**WORK TO COMPLETE**. Quote every line below exactly and skip any picture.

**DATA RECORDS**.
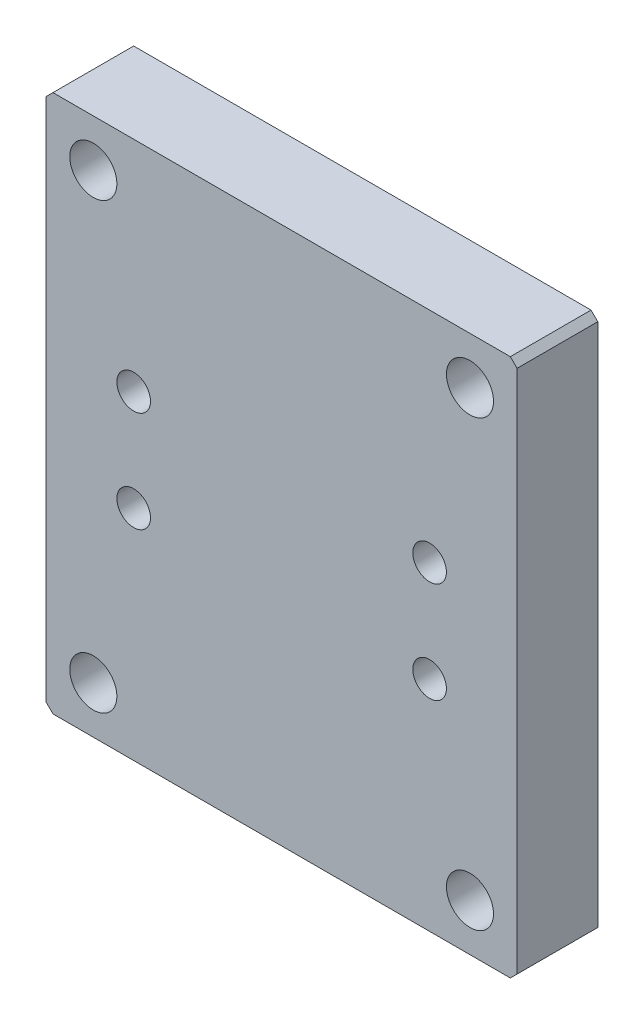
SolidWorks part; units mm, degrees
ref_plane "前视" through (0, 0, 0) normal (0, 0, 1) x (1, 0, 0)
ref_plane "上视" through (0, 0, 0) normal (0, 1, 0) x (1, 0, 0)
ref_plane "右视" through (0, 0, 0) normal (1, 0, 0) x (0, 0, -1)
sketch "草图1" plane through (0, 0, 0) normal (0, 0, 1) x (1, 0, 0)
  line L1 (0, 0) -> (70, 0)
  line L2 (0, 0) -> (0, -80)
  line L3 (0, -80) -> (70, -80)
  line L4 (70, 0) -> (70, -80)
  dimension "D1" = 70
  dimension "D2" = 80
extrude "凸台-拉伸1" add sketch "草图1" along normal blind 12
chamfer "倒角1" distance 1 angle 45 4 edges at (0, -80, 6) (70, -80, 6) (70, 0, 6) (0, 0, 6)
sketch "草图2" plane through (0, 0, 12) normal (0, 0, 1) x (1, 0, 0)
  line L0 (17.5, -5) -> (52.5, -5) construction
  line L1 (17.5, -2.5) -> (52.5, -2.5)
  line L2 (17.5, -7.5) -> (52.5, -7.5)
  line L3 (35, -2.5) -> (35, 0) construction
  line L4 (69, 0) -> (1, 0) construction
  arc A0 (17.5, -2.5) -> (17.5, -7.5) centre (17.5, -5) ccw
  arc A1 (52.5, -7.5) -> (52.5, -2.5) centre (52.5, -5) ccw
  point P2 (35, -5)
  dimension "D1" = 5
  dimension "D2" = 2.5
  dimension "D3" = 35
extrude "切除-拉伸1" [suppressed] cut sketch "草图2" against normal blind 2.5
pattern_linear "阵列(线性)1" [suppressed] count 8 spacing 10
hole_wizard "Ø7.0 (7) 直径孔1" positions "草图4" profile "草图3" hole size "Ø7.0" standard "ISO" end condition through all
sketch "草图4" plane through (0, 0, 0) normal (0, 0, -1) x (-1, 0, 0)
  line L1 (-7, -73) -> (-63, -73)
  line L2 (-7, -73) -> (-7, -7)
  line L3 (-7, -7) -> (-63, -7)
  line L4 (-63, -73) -> (-63, -7)
  line L5 (-35, -73) -> (-35, -80) construction
  line L6 (-1, -80) -> (-69, -80) construction
  line L8 (-63, -40) -> (-70, -40) construction
  line L9 (-70, -79) -> (-70, -1) construction
  point P0 (-7, -73)
  point P2 (-7, -7)
  point P4 (-63, -73)
  point P6 (-63, -7)
  dimension "D1" = 7
  dimension "D2" = 7
sketch "草图3" plane through (7, -73, 0) normal (1, 0, 0) x (0, 1, 0)
  line L0 (0, 0) -> (0, 12)
  line L1 (0, 12) -> (3.5, 12)
  line L2 (3.5, 12) -> (3.5, 0)
  line L5 (3.5, 0) -> (0, 0)
  line L11 (0, -6.35) -> (0, 107.95) construction
  dimension "通孔孔直径" = 7
  dimension "通孔孔深度" = 12
hole_wizard "M6 螺纹孔1" positions "草图6" profile "草图5" tap size "M6" standard "GB" end condition through all
sketch "草图6" plane through (0, 0, 0) normal (0, 0, -1) x (-1, 0, 0)
  point P0 (-57, -32.5)
  point P3 (-57, -47.5)
  point P6 (-13, -47.5)
  point P9 (-13, -32.5)
sketch "草图5" plane through (57, -32.5, 0) normal (1, 0, 0) x (0, 1, 0)
  line L0 (0, 0) -> (0, 12)
  line L1 (0, 12) -> (2.5, 12)
  line L2 (2.5, 12) -> (2.5, 0)
  line L5 (2.5, 0) -> (0, 0)
  line L11 (0, -6.35) -> (0, 107.95) construction
  dimension "通孔螺纹孔钻头直径" = 5
  dimension "通孔螺纹孔钻头深度" = 12
cosmetic thread "孔螺蚊线5" parameters "D2"=6
cosmetic thread "孔螺蚊线6" parameters "D2"=6
cosmetic thread "孔螺蚊线7" parameters "D2"=6
cosmetic thread "孔螺蚊线8" parameters "D2"=6

**RESULT OF THE EXERCISE**.
SolidWorks part; units mm, degrees
ref_plane "前视" through (0, 0, 0) normal (0, 0, 1) x (1, 0, 0)
ref_plane "上视" through (0, 0, 0) normal (0, 1, 0) x (1, 0, 0)
ref_plane "右视" through (0, 0, 0) normal (1, 0, 0) x (0, 0, -1)
sketch "草图1" plane through (0, 0, 0) normal (0, 0, 1) x (1, 0, 0)
  line L1 (0, 0) -> (70, 0)
  line L2 (0, 0) -> (0, -80)
  line L3 (0, -80) -> (70, -80)
  line L4 (70, 0) -> (70, -80)
  dimension "D1" = 70
  dimension "D2" = 80
extrude "凸台-拉伸1" add sketch "草图1" along normal blind 12
chamfer "倒角1" distance 1 angle 45 4 edges at (0, -80, 6) (70, -80, 6) (70, 0, 6) (0, 0, 6)
sketch "草图2" plane through (0, 0, 12) normal (0, 0, 1) x (1, 0, 0)
  line L0 (17.5, -5) -> (52.5, -5) construction
  line L1 (17.5, -2.5) -> (52.5, -2.5)
  line L2 (17.5, -7.5) -> (52.5, -7.5)
  line L3 (35, -2.5) -> (35, 0) construction
  line L4 (69, 0) -> (1, 0) construction
  arc A0 (17.5, -2.5) -> (17.5, -7.5) centre (17.5, -5) ccw
  arc A1 (52.5, -7.5) -> (52.5, -2.5) centre (52.5, -5) ccw
  point P2 (35, -5)
  dimension "D1" = 5
  dimension "D2" = 2.5
  dimension "D3" = 35
extrude "切除-拉伸1" [suppressed] cut sketch "草图2" against normal blind 2.5
pattern_linear "阵列(线性)1" [suppressed] count 8 spacing 10
hole_wizard "Ø7.0 (7) 直径孔1" positions "草图4" profile "草图3" hole size "Ø7.0" standard "ISO" end condition through all
sketch "草图4" plane through (0, 0, 0) normal (0, 0, -1) x (-1, 0, 0)
  line L1 (-7, -73) -> (-63, -73)
  line L2 (-7, -73) -> (-7, -7)
  line L3 (-7, -7) -> (-63, -7)
  line L4 (-63, -73) -> (-63, -7)
  line L5 (-35, -73) -> (-35, -80) construction
  line L6 (-1, -80) -> (-69, -80) construction
  line L8 (-63, -40) -> (-70, -40) construction
  line L9 (-70, -79) -> (-70, -1) construction
  point P0 (-7, -73)
  point P2 (-7, -7)
  point P4 (-63, -73)
  point P6 (-63, -7)
  dimension "D1" = 7
  dimension "D2" = 7
sketch "草图3" plane through (7, -73, 0) normal (1, 0, 0) x (0, 1, 0)
  line L0 (0, 0) -> (0, 12)
  line L1 (0, 12) -> (3.5, 12)
  line L2 (3.5, 12) -> (3.5, 0)
  line L5 (3.5, 0) -> (0, 0)
  line L11 (0, -6.35) -> (0, 107.95) construction
  dimension "通孔孔直径" = 7
  dimension "通孔孔深度" = 12
hole_wizard "M6 螺纹孔1" positions "草图6" profile "草图5" tap size "M6" standard "GB" end condition through all
sketch "草图6" plane through (0, 0, 0) normal (0, 0, -1) x (-1, 0, 0)
  point P0 (-57, -32.5)
  point P3 (-57, -47.5)
  point P6 (-13, -47.5)
  point P9 (-13, -32.5)
sketch "草图5" plane through (57, -32.5, 0) normal (1, 0, 0) x (0, 1, 0)
  line L0 (0, 0) -> (0, 12)
  line L1 (0, 12) -> (2.5, 12)
  line L2 (2.5, 12) -> (2.5, 0)
  line L5 (2.5, 0) -> (0, 0)
  line L11 (0, -6.35) -> (0, 107.95) construction
  dimension "通孔螺纹孔钻头直径" = 5
  dimension "通孔螺纹孔钻头深度" = 12
cosmetic thread "孔螺蚊线5" parameters "D2"=6
cosmetic thread "孔螺蚊线6" parameters "D2"=6
cosmetic thread "孔螺蚊线7" parameters "D2"=6
cosmetic thread "孔螺蚊线8" parameters "D2"=6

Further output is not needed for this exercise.